- [Required action] If a line in the entries contains the word "direction", list it.

- [Listed records]

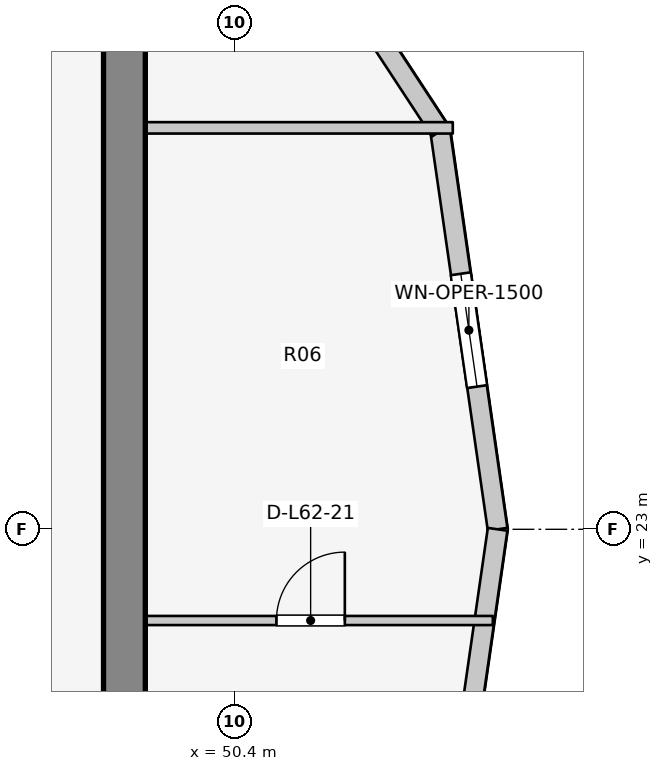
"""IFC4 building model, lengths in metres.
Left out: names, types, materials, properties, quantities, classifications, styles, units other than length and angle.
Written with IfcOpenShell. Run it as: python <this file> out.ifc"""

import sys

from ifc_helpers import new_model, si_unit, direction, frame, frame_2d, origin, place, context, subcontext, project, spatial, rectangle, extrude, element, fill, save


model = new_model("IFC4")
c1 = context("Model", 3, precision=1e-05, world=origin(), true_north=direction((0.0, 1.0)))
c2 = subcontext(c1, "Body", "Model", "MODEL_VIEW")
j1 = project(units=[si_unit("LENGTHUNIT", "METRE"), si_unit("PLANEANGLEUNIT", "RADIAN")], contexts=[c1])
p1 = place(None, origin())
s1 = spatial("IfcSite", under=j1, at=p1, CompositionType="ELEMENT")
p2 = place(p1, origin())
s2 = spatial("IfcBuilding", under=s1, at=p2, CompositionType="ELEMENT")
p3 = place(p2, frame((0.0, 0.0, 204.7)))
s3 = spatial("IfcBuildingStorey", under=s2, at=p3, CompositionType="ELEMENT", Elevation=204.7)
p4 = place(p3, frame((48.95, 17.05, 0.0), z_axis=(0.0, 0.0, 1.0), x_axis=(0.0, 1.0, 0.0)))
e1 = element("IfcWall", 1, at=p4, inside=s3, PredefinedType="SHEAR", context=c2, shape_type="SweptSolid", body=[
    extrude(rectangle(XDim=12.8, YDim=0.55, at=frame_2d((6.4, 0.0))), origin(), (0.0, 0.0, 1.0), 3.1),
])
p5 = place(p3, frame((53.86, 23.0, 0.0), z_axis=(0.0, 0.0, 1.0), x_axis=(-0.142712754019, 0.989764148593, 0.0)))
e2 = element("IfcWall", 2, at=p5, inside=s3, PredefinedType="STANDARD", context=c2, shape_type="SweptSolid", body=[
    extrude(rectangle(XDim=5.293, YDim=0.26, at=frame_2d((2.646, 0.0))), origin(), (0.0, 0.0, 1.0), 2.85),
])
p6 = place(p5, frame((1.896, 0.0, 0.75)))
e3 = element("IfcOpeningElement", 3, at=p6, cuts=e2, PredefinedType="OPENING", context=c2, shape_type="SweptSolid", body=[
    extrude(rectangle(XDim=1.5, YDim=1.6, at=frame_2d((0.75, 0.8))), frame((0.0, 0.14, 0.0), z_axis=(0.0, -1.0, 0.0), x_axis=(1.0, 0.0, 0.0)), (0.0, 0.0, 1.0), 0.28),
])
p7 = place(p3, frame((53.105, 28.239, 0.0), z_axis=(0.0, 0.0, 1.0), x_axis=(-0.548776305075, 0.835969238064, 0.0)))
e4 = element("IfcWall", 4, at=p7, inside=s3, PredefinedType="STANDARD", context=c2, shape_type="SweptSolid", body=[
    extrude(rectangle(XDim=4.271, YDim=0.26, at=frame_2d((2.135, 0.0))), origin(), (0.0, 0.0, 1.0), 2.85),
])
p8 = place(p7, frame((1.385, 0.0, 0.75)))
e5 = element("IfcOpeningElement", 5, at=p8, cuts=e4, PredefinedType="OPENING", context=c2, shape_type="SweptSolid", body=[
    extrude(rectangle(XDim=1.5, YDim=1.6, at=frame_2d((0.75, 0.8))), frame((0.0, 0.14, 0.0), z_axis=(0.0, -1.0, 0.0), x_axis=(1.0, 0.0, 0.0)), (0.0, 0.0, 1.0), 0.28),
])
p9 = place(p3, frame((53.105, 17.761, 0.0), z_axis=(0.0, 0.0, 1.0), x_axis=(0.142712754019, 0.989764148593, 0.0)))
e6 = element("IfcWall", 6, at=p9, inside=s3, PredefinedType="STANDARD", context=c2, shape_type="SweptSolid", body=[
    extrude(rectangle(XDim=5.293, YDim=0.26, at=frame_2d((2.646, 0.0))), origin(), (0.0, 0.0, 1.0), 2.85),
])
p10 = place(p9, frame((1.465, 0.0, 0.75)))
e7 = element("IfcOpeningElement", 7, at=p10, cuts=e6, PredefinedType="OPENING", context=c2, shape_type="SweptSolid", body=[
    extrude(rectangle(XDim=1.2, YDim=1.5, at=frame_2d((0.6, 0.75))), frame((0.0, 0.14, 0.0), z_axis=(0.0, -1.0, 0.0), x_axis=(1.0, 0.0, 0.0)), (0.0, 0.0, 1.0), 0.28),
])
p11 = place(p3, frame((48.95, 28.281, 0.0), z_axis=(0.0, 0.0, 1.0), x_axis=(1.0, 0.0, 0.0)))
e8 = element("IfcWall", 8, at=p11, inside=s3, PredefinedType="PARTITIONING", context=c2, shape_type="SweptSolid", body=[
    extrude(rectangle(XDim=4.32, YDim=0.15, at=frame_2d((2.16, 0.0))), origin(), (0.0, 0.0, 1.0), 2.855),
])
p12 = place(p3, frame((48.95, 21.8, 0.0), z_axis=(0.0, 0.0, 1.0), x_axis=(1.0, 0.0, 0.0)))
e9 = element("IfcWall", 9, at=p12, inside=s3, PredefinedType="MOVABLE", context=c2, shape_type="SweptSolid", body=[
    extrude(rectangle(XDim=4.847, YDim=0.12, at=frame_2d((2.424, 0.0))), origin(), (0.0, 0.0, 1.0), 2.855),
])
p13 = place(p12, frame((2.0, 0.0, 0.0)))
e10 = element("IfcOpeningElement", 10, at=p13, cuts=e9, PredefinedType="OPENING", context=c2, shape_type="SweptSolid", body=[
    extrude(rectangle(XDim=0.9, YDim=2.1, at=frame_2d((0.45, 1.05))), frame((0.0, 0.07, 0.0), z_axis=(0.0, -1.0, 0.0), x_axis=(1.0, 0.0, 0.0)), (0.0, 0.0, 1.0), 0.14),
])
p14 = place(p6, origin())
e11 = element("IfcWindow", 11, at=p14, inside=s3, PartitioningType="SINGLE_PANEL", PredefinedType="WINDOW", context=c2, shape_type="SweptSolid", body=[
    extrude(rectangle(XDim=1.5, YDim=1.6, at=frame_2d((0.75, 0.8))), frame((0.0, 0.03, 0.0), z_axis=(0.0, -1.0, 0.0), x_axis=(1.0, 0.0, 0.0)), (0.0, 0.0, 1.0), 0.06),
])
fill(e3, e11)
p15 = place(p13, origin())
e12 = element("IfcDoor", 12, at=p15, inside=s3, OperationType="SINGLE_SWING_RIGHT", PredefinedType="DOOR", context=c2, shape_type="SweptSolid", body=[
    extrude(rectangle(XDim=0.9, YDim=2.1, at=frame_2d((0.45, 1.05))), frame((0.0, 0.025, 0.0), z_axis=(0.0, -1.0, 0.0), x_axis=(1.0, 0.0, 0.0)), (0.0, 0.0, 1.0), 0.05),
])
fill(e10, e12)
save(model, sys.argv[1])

- [Solution]
from ifc_helpers import new_model, si_unit, direction, frame, frame_2d, origin, place, context, subcontext, project, spatial, rectangle, extrude, element, fill, save
c1 = context("Model", 3, precision=1e-05, world=origin(), true_north=direction((0.0, 1.0)))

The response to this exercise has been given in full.